* [Task to complete] Determine how many lines in the records below include the word "OperationType" and output that number alone.

⁂

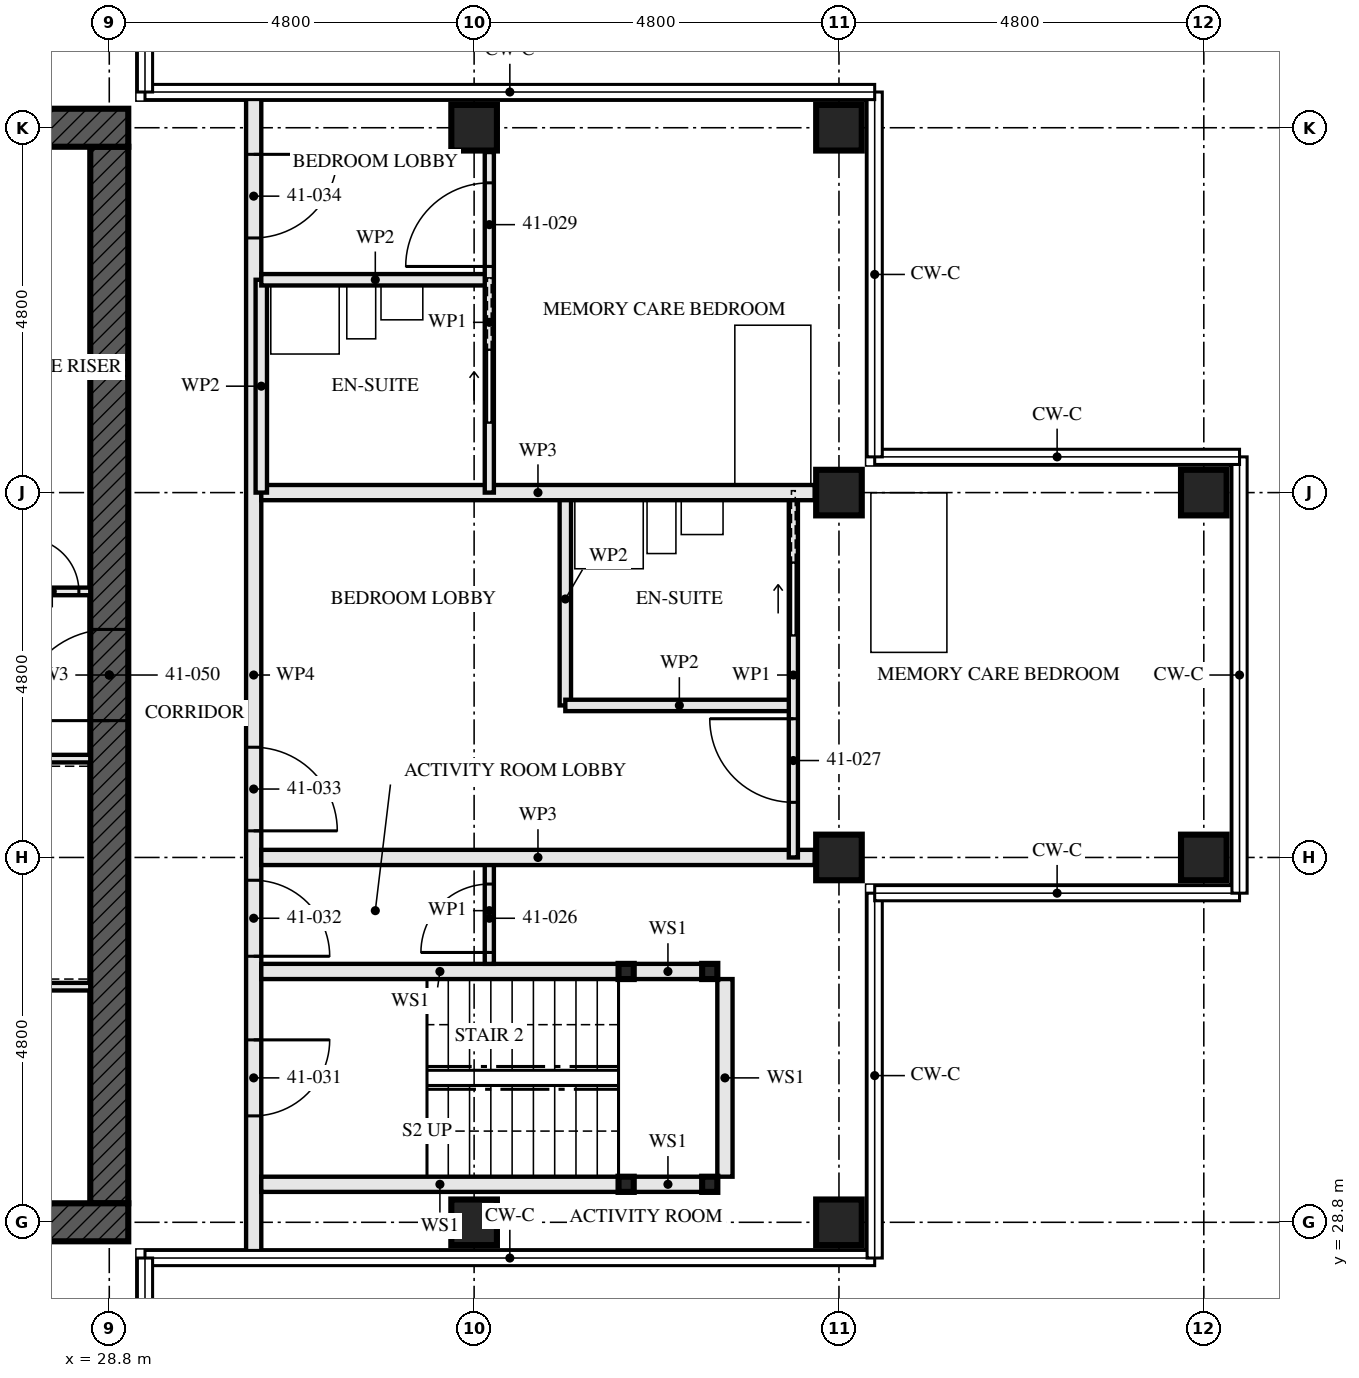
"""IFC4 building model, lengths in metres.
Left out: names, types, materials, properties, quantities, classifications, styles, units other than length and angle.
Written with IfcOpenShell. Run it as: python <this file> out.ifc"""

import sys

from ifc_helpers import new_model, si_unit, direction, frame, frame_2d, origin, origin_2d, place, context, subcontext, project, spatial, rectangle, hollow_rectangle, extrude, element, fill, save


model = new_model("IFC4")
c1 = context("Model", 3, precision=1e-05, world=origin(), true_north=direction((0.0, 1.0)))
c2 = subcontext(c1, "Body", "Model", "MODEL_VIEW")
j1 = project(units=[si_unit("LENGTHUNIT", "METRE"), si_unit("PLANEANGLEUNIT", "RADIAN")], contexts=[c1])
p1 = place(None, origin())
s1 = spatial("IfcSite", under=j1, at=p1, CompositionType="ELEMENT")
p2 = place(p1, origin())
s2 = spatial("IfcBuilding", under=s1, at=p2, CompositionType="ELEMENT")
p3 = place(p2, frame((0.0, 0.0, 151.5)))
s3 = spatial("IfcBuildingStorey", under=s2, at=p3, CompositionType="ELEMENT", Elevation=151.5)
for number, where, z_axis, x_axis in (
    (1, (33.6, 28.8, 0.0), (0.0, 0.0, 1.0), (0.0, 1.0, 0.0)),
    (2, (33.6, 43.2, 0.0), (0.0, 0.0, 1.0), (0.0, 1.0, 0.0)),
):
    element("IfcColumn", number, at=place(p3, frame(where, z_axis=z_axis, x_axis=x_axis)), inside=s3, PredefinedType="COLUMN", context=c2, shape_type="SweptSolid", body=[
        extrude(hollow_rectangle(XDim=0.6, YDim=0.6, WallThickness=0.08, at=origin_2d()), origin(), (0.0, 0.0, 1.0), 3.5),
    ])
for number, where, z_axis, x_axis in (
    (3, (38.4, 28.8, 0.0), (0.0, 0.0, 1.0), (0.0, 1.0, 0.0)),
    (4, (38.4, 33.6, 0.0), (0.0, 0.0, 1.0), (0.0, 1.0, 0.0)),
    (5, (38.4, 38.4, 0.0), (0.0, 0.0, 1.0), (0.0, 1.0, 0.0)),
    (6, (38.4, 43.2, 0.0), (0.0, 0.0, 1.0), (0.0, 1.0, 0.0)),
    (7, (43.2, 33.6, 0.0), (0.0, 0.0, 1.0), (0.0, 1.0, 0.0)),
    (8, (43.2, 38.4, 0.0), (0.0, 0.0, 1.0), (0.0, 1.0, 0.0)),
):
    element("IfcColumn", number, at=place(p3, frame(where, z_axis=z_axis, x_axis=x_axis)), inside=s3, PredefinedType="COLUMN", context=c2, shape_type="SweptSolid", body=[
        extrude(hollow_rectangle(XDim=0.6, YDim=0.6, WallThickness=0.06, at=origin_2d()), origin(), (0.0, 0.0, 1.0), 3.5),
    ])
p4 = place(p3, frame((14.15, 28.8, -0.17), z_axis=(0.0, 0.0, 1.0), x_axis=(1.0, 0.0, 0.0)))
e9 = element("IfcWall", 9, at=p4, inside=s3, PredefinedType="SHEAR", context=c2, shape_type="SweptSolid", body=[
    extrude(rectangle(XDim=14.9, YDim=0.5, at=frame_2d((7.45, 0.0))), origin(), (0.0, 0.0, 1.0), 3.5),
])
p5 = place(p4, frame((6.85, 0.0, 0.17)))
e10 = element("IfcOpeningElement", 10, at=p5, cuts=e9, PredefinedType="OPENING", context=c2, shape_type="SweptSolid", body=[
    extrude(rectangle(XDim=1.2, YDim=2.1, at=frame_2d((0.6, 1.05))), frame((0.0, 0.26, 0.0), z_axis=(0.0, -1.0, 0.0), x_axis=(1.0, 0.0, 0.0)), (0.0, 0.0, 1.0), 0.521),
])
p6 = place(p3, frame((29.05, 43.2, -0.17), z_axis=(0.0, 0.0, 1.0), x_axis=(-1.0, 0.0, 0.0)))
e11 = element("IfcWall", 11, at=p6, inside=s3, PredefinedType="SHEAR", context=c2, shape_type="SweptSolid", body=[
    extrude(rectangle(XDim=14.9, YDim=0.5, at=frame_2d((7.45, 0.0))), origin(), (0.0, 0.0, 1.0), 3.5),
])
p7 = place(p6, frame((6.85, 0.0, 0.17)))
e12 = element("IfcOpeningElement", 12, at=p7, cuts=e11, PredefinedType="OPENING", context=c2, shape_type="SweptSolid", body=[
    extrude(rectangle(XDim=1.2, YDim=2.1, at=frame_2d((0.6, 1.05))), frame((0.0, 0.26, 0.0), z_axis=(0.0, -1.0, 0.0), x_axis=(1.0, 0.0, 0.0)), (0.0, 0.0, 1.0), 0.521),
])
p8 = place(p3, frame((28.8, 29.05, -0.17), z_axis=(0.0, 0.0, 1.0), x_axis=(0.0, 1.0, 0.0)))
e13 = element("IfcWall", 13, at=p8, inside=s3, PredefinedType="SHEAR", context=c2, shape_type="SweptSolid", body=[
    extrude(rectangle(XDim=13.9, YDim=0.5, at=frame_2d((6.95, 0.0))), origin(), (0.0, 0.0, 1.0), 3.5),
])
p9 = place(p8, frame((6.35, 0.0, 0.17)))
e14 = element("IfcOpeningElement", 14, at=p9, cuts=e13, PredefinedType="OPENING", context=c2, shape_type="SweptSolid", body=[
    extrude(rectangle(XDim=1.2, YDim=2.1, at=frame_2d((0.6, 1.05))), frame((0.0, 0.26, 0.0), z_axis=(0.0, -1.0, 0.0), x_axis=(1.0, 0.0, 0.0)), (0.0, 0.0, 1.0), 0.521),
])
for number, where, z_axis, x_axis in (
    (15, (36.7, 29.3, 0.0), (0.0, 0.0, 1.0), (1.0, 0.0, 0.0)),
    (16, (36.7, 32.1, 0.0), (0.0, 0.0, 1.0), (1.0, 0.0, 0.0)),
    (17, (35.6, 29.3, 0.0), (0.0, 0.0, 1.0), (1.0, 0.0, 0.0)),
    (18, (35.6, 32.1, 0.0), (0.0, 0.0, 1.0), (1.0, 0.0, 0.0)),
):
    element("IfcColumn", number, at=place(p3, frame(where, z_axis=z_axis, x_axis=x_axis)), inside=s3, PredefinedType="COLUMN", context=c2, shape_type="SweptSolid", body=[
        extrude(hollow_rectangle(XDim=0.2, YDim=0.2, WallThickness=0.008, at=origin_2d()), origin(), (0.0, 0.0, 1.0), 3.33),
    ])
p10 = place(p3, frame((36.6, 29.3, 0.0), z_axis=(0.0, 0.0, 1.0), x_axis=(-1.0, 0.0, 0.0)))
e19 = element("IfcWall", 19, at=p10, inside=s3, PredefinedType="SOLIDWALL", context=c2, shape_type="SweptSolid", body=[
    extrude(rectangle(XDim=0.9, YDim=0.2, at=frame_2d((0.45, 0.0))), origin(), (0.0, 0.0, 1.0), 2.99),
])
p11 = place(p3, frame((35.5, 29.3, 0.0), z_axis=(0.0, 0.0, 1.0), x_axis=(-1.0, 0.0, 0.0)))
e20 = element("IfcWall", 20, at=p11, inside=s3, PredefinedType="SOLIDWALL", context=c2, shape_type="SweptSolid", body=[
    extrude(rectangle(XDim=4.7, YDim=0.2, at=frame_2d((2.35, 0.0))), origin(), (0.0, 0.0, 1.0), 2.99),
])
p12 = place(p3, frame((36.6, 32.1, 0.0), z_axis=(0.0, 0.0, 1.0), x_axis=(-1.0, 0.0, 0.0)))
e21 = element("IfcWall", 21, at=p12, inside=s3, PredefinedType="SOLIDWALL", context=c2, shape_type="SweptSolid", body=[
    extrude(rectangle(XDim=0.9, YDim=0.2, at=frame_2d((0.45, 0.0))), origin(), (0.0, 0.0, 1.0), 2.99),
])
p13 = place(p3, frame((35.5, 32.1, 0.0), z_axis=(0.0, 0.0, 1.0), x_axis=(-1.0, 0.0, 0.0)))
e22 = element("IfcWall", 22, at=p13, inside=s3, PredefinedType="SOLIDWALL", context=c2, shape_type="SweptSolid", body=[
    extrude(rectangle(XDim=4.7, YDim=0.2, at=frame_2d((2.35, 0.0))), origin(), (0.0, 0.0, 1.0), 2.99),
])
p14 = place(p3, frame((36.9, 29.4, 0.0), z_axis=(0.0, 0.0, 1.0), x_axis=(0.0, 1.0, 0.0)))
e23 = element("IfcWall", 23, at=p14, inside=s3, PredefinedType="SOLIDWALL", context=c2, shape_type="SweptSolid", body=[
    extrude(rectangle(XDim=2.6, YDim=0.2, at=frame_2d((1.3, 0.0))), origin(), (0.0, 0.0, 1.0), 3.33),
])
p15 = place(p3, frame((33.8, 32.2, 0.0), z_axis=(0.0, 0.0, 1.0), x_axis=(0.0, 1.0, 0.0)))
e24 = element("IfcWall", 24, at=p15, inside=s3, PredefinedType="PARTITIONING", context=c2, shape_type="SweptSolid", body=[
    extrude(rectangle(XDim=1.4, YDim=0.12, at=frame_2d((0.7, 0.0))), origin(), (0.0, 0.0, 1.0), 3.33),
])
p16 = place(p15, frame((0.15, 0.0, 0.0)))
e25 = element("IfcOpeningElement", 25, at=p16, cuts=e24, PredefinedType="OPENING", context=c2, shape_type="SweptSolid", body=[
    extrude(rectangle(XDim=0.9, YDim=2.1, at=frame_2d((0.45, 1.05))), frame((0.0, 0.071, 0.0), z_axis=(0.0, -1.0, 0.0), x_axis=(1.0, 0.0, 0.0)), (0.0, 0.0, 1.0), 0.141),
])
p17 = place(p3, frame((38.08, 33.6, 0.0), z_axis=(0.0, 0.0, 1.0), x_axis=(-1.0, 0.0, 0.0)))
e26 = element("IfcWall", 26, at=p17, inside=s3, PredefinedType="PARTITIONING", context=c2, shape_type="SweptSolid", body=[
    extrude(rectangle(XDim=7.28, YDim=0.2, at=frame_2d((3.64, 0.0))), origin(), (0.0, 0.0, 1.0), 2.55),
])
p18 = place(p3, frame((37.8, 35.6, 0.0), z_axis=(0.0, 0.0, 1.0), x_axis=(-1.0, 0.0, 0.0)))
e27 = element("IfcWall", 27, at=p18, inside=s3, PredefinedType="PARTITIONING", context=c2, shape_type="SweptSolid", body=[
    extrude(rectangle(XDim=3.0, YDim=0.15, at=frame_2d((1.5, 0.0))), origin(), (0.0, 0.0, 1.0), 3.33),
])
p19 = place(p3, frame((34.8, 35.6, 0.0), z_axis=(0.0, 0.0, 1.0), x_axis=(0.0, 1.0, 0.0)))
e28 = element("IfcWall", 28, at=p19, inside=s3, PredefinedType="PARTITIONING", context=c2, shape_type="SweptSolid", body=[
    extrude(rectangle(XDim=2.8, YDim=0.15, at=frame_2d((1.4, 0.0))), origin(), (0.0, 0.0, 1.0), 3.33),
])
p20 = place(p3, frame((37.8, 33.6, 0.0), z_axis=(0.0, 0.0, 1.0), x_axis=(0.0, 1.0, 0.0)))
e29 = element("IfcWall", 29, at=p20, inside=s3, PredefinedType="PARTITIONING", context=c2, shape_type="SweptSolid", body=[
    extrude(rectangle(XDim=4.8, YDim=0.12, at=frame_2d((2.4, 0.0))), origin(), (0.0, 0.0, 1.0), 3.33),
])
p21 = place(p20, frame((0.725, 0.0, 0.0)))
e30 = element("IfcOpeningElement", 30, at=p21, cuts=e29, PredefinedType="OPENING", context=c2, shape_type="SweptSolid", body=[
    extrude(rectangle(XDim=1.1, YDim=2.1, at=frame_2d((0.55, 1.05))), frame((0.0, 0.071, 0.0), z_axis=(0.0, -1.0, 0.0), x_axis=(1.0, 0.0, 0.0)), (0.0, 0.0, 1.0), 0.141),
])
p22 = place(p20, frame((2.925, 0.0, 0.0)))
e31 = element("IfcOpeningElement", 31, at=p22, cuts=e29, PredefinedType="OPENING", context=c2, shape_type="SweptSolid", body=[
    extrude(rectangle(XDim=0.95, YDim=2.1, at=frame_2d((0.475, 1.05))), frame((0.0, 0.071, 0.0), z_axis=(0.0, -1.0, 0.0), x_axis=(1.0, 0.0, 0.0)), (0.0, 0.0, 1.0), 0.141),
])
p23 = place(p3, frame((38.08, 38.4, 0.0), z_axis=(0.0, 0.0, 1.0), x_axis=(-1.0, 0.0, 0.0)))
e32 = element("IfcWall", 32, at=p23, inside=s3, PredefinedType="PARTITIONING", context=c2, shape_type="SweptSolid", body=[
    extrude(rectangle(XDim=7.28, YDim=0.2, at=frame_2d((3.64, 0.0))), origin(), (0.0, 0.0, 1.0), 2.55),
])
p24 = place(p3, frame((33.8, 41.2, 0.0), z_axis=(0.0, 0.0, 1.0), x_axis=(-1.0, 0.0, 0.0)))
e33 = element("IfcWall", 33, at=p24, inside=s3, PredefinedType="PARTITIONING", context=c2, shape_type="SweptSolid", body=[
    extrude(rectangle(XDim=3.0, YDim=0.15, at=frame_2d((1.5, 0.0))), origin(), (0.0, 0.0, 1.0), 3.33),
])
p25 = place(p3, frame((30.8, 38.4, 0.0), z_axis=(0.0, 0.0, 1.0), x_axis=(0.0, 1.0, 0.0)))
e34 = element("IfcWall", 34, at=p25, inside=s3, PredefinedType="PARTITIONING", context=c2, shape_type="SweptSolid", body=[
    extrude(rectangle(XDim=2.8, YDim=0.15, at=frame_2d((1.4, 0.0))), origin(), (0.0, 0.0, 1.0), 3.33),
])
p26 = place(p3, frame((33.8, 38.4, 0.0), z_axis=(0.0, 0.0, 1.0), x_axis=(0.0, 1.0, 0.0)))
e35 = element("IfcWall", 35, at=p26, inside=s3, PredefinedType="PARTITIONING", context=c2, shape_type="SweptSolid", body=[
    extrude(rectangle(XDim=4.48, YDim=0.12, at=frame_2d((2.24, 0.0))), origin(), (0.0, 0.0, 1.0), 3.33),
])
p27 = place(p26, frame((2.975, 0.0, 0.0)))
e36 = element("IfcOpeningElement", 36, at=p27, cuts=e35, PredefinedType="OPENING", context=c2, shape_type="SweptSolid", body=[
    extrude(rectangle(XDim=1.1, YDim=2.1, at=frame_2d((0.55, 1.05))), frame((0.0, 0.071, 0.0), z_axis=(0.0, -1.0, 0.0), x_axis=(1.0, 0.0, 0.0)), (0.0, 0.0, 1.0), 0.141),
])
p28 = place(p26, frame((0.925, 0.0, 0.0)))
e37 = element("IfcOpeningElement", 37, at=p28, cuts=e35, PredefinedType="OPENING", context=c2, shape_type="SweptSolid", body=[
    extrude(rectangle(XDim=0.95, YDim=2.1, at=frame_2d((0.475, 1.05))), frame((0.0, 0.071, 0.0), z_axis=(0.0, -1.0, 0.0), x_axis=(1.0, 0.0, 0.0)), (0.0, 0.0, 1.0), 0.141),
])
p29 = place(p3, frame((30.7, 28.35, 0.0), z_axis=(0.0, 0.0, 1.0), x_axis=(0.0, 1.0, 0.0)))
e38 = element("IfcWall", 38, at=p29, inside=s3, PredefinedType="PARTITIONING", context=c2, shape_type="SweptSolid", body=[
    extrude(rectangle(XDim=15.3, YDim=0.2, at=frame_2d((7.65, 0.0))), origin(), (0.0, 0.0, 1.0), 2.32),
])
p30 = place(p29, frame((1.85, 0.0, 0.0)))
e39 = element("IfcOpeningElement", 39, at=p30, cuts=e38, PredefinedType="OPENING", context=c2, shape_type="SweptSolid", body=[
    extrude(rectangle(XDim=1.0, YDim=2.1, at=frame_2d((0.5, 1.05))), frame((0.0, 0.111, 0.0), z_axis=(0.0, -1.0, 0.0), x_axis=(1.0, 0.0, 0.0)), (0.0, 0.0, 1.0), 0.221),
])
p31 = place(p29, frame((3.95, 0.0, 0.0)))
e40 = element("IfcOpeningElement", 40, at=p31, cuts=e38, PredefinedType="OPENING", context=c2, shape_type="SweptSolid", body=[
    extrude(rectangle(XDim=1.0, YDim=2.1, at=frame_2d((0.5, 1.05))), frame((0.0, 0.111, 0.0), z_axis=(0.0, -1.0, 0.0), x_axis=(1.0, 0.0, 0.0)), (0.0, 0.0, 1.0), 0.221),
])
p32 = place(p29, frame((5.6, 0.0, 0.0)))
e41 = element("IfcOpeningElement", 41, at=p32, cuts=e38, PredefinedType="OPENING", context=c2, shape_type="SweptSolid", body=[
    extrude(rectangle(XDim=1.1, YDim=2.1, at=frame_2d((0.55, 1.05))), frame((0.0, 0.111, 0.0), z_axis=(0.0, -1.0, 0.0), x_axis=(1.0, 0.0, 0.0)), (0.0, 0.0, 1.0), 0.221),
])
p33 = place(p29, frame((13.4, 0.0, 0.0)))
e42 = element("IfcOpeningElement", 42, at=p33, cuts=e38, PredefinedType="OPENING", context=c2, shape_type="SweptSolid", body=[
    extrude(rectangle(XDim=1.1, YDim=2.1, at=frame_2d((0.55, 1.05))), frame((0.0, 0.111, 0.0), z_axis=(0.0, -1.0, 0.0), x_axis=(1.0, 0.0, 0.0)), (0.0, 0.0, 1.0), 0.221),
])
p34 = place(p3, frame((23.05, 34.9, 0.0), z_axis=(0.0, 0.0, 1.0), x_axis=(1.0, 0.0, 0.0)))
e43 = element("IfcWall", 43, at=p34, inside=s3, PredefinedType="SOLIDWALL", context=c2, shape_type="SweptSolid", body=[
    extrude(rectangle(XDim=5.5, YDim=0.1, at=frame_2d((2.75, 0.0))), origin(), (0.0, 0.0, 1.0), 3.33),
])
p35 = place(p34, frame((0.85, 0.0, 0.0)))
e44 = element("IfcOpeningElement", 44, at=p35, cuts=e43, PredefinedType="OPENING", context=c2, shape_type="SweptSolid", body=[
    extrude(rectangle(XDim=1.0, YDim=2.1, at=frame_2d((0.5, 1.05))), frame((0.0, 0.061, 0.0), z_axis=(0.0, -1.0, 0.0), x_axis=(1.0, 0.0, 0.0)), (0.0, 0.0, 1.0), 0.121),
])
p36 = place(p34, frame((3.625, 0.0, 0.0)))
e45 = element("IfcOpeningElement", 45, at=p36, cuts=e43, PredefinedType="OPENING", context=c2, shape_type="SweptSolid", body=[
    extrude(rectangle(XDim=1.0, YDim=2.1, at=frame_2d((0.5, 1.05))), frame((0.0, 0.061, 0.0), z_axis=(0.0, -1.0, 0.0), x_axis=(1.0, 0.0, 0.0)), (0.0, 0.0, 1.0), 0.121),
])
p37 = place(p3, frame((22.65, 37.1, 0.0), z_axis=(0.0, 0.0, 1.0), x_axis=(1.0, 0.0, 0.0)))
e46 = element("IfcWall", 46, at=p37, inside=s3, PredefinedType="SOLIDWALL", context=c2, shape_type="SweptSolid", body=[
    extrude(rectangle(XDim=5.9, YDim=0.1, at=frame_2d((2.95, 0.0))), origin(), (0.0, 0.0, 1.0), 3.33),
])
p38 = place(p37, frame((3.5, 0.0, 0.0)))
e47 = element("IfcOpeningElement", 47, at=p38, cuts=e46, PredefinedType="OPENING", context=c2, shape_type="SweptSolid", body=[
    extrude(rectangle(XDim=0.9, YDim=2.1, at=frame_2d((0.45, 1.05))), frame((0.0, 0.061, 0.0), z_axis=(0.0, -1.0, 0.0), x_axis=(1.0, 0.0, 0.0)), (0.0, 0.0, 1.0), 0.121),
])
p39 = place(p37, frame((5.05, 0.0, 0.0)))
e48 = element("IfcOpeningElement", 48, at=p39, cuts=e46, PredefinedType="OPENING", context=c2, shape_type="SweptSolid", body=[
    extrude(rectangle(XDim=0.7, YDim=2.1, at=frame_2d((0.35, 1.05))), frame((0.0, 0.061, 0.0), z_axis=(0.0, -1.0, 0.0), x_axis=(1.0, 0.0, 0.0)), (0.0, 0.0, 1.0), 0.121),
])
p40 = place(p3, frame((23.15, 31.9, 0.0), z_axis=(0.0, 0.0, 1.0), x_axis=(1.0, 0.0, 0.0)))
e49 = element("IfcWall", 49, at=p40, inside=s3, PredefinedType="SOLIDWALL", context=c2, shape_type="SweptSolid", body=[
    extrude(rectangle(XDim=5.4, YDim=0.1, at=frame_2d((2.7, 0.0))), origin(), (0.0, 0.0, 1.0), 3.33),
])
p41 = place(p16, origin())
e50 = element("IfcDoor", 50, at=p41, inside=s3, OperationType="SINGLE_SWING_RIGHT", PredefinedType="DOOR", context=c2, shape_type="SweptSolid", body=[
    extrude(rectangle(XDim=0.9, YDim=2.1, at=frame_2d((0.45, 1.05))), frame((0.0, 0.022, 0.0), z_axis=(0.0, -1.0, 0.0), x_axis=(1.0, 0.0, 0.0)), (0.0, 0.0, 1.0), 0.044),
])
fill(e25, e50)
p42 = place(p21, origin())
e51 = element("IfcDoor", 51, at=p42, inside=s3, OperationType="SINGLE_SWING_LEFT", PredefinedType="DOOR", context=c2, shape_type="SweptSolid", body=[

⁂

* [Written reply] 2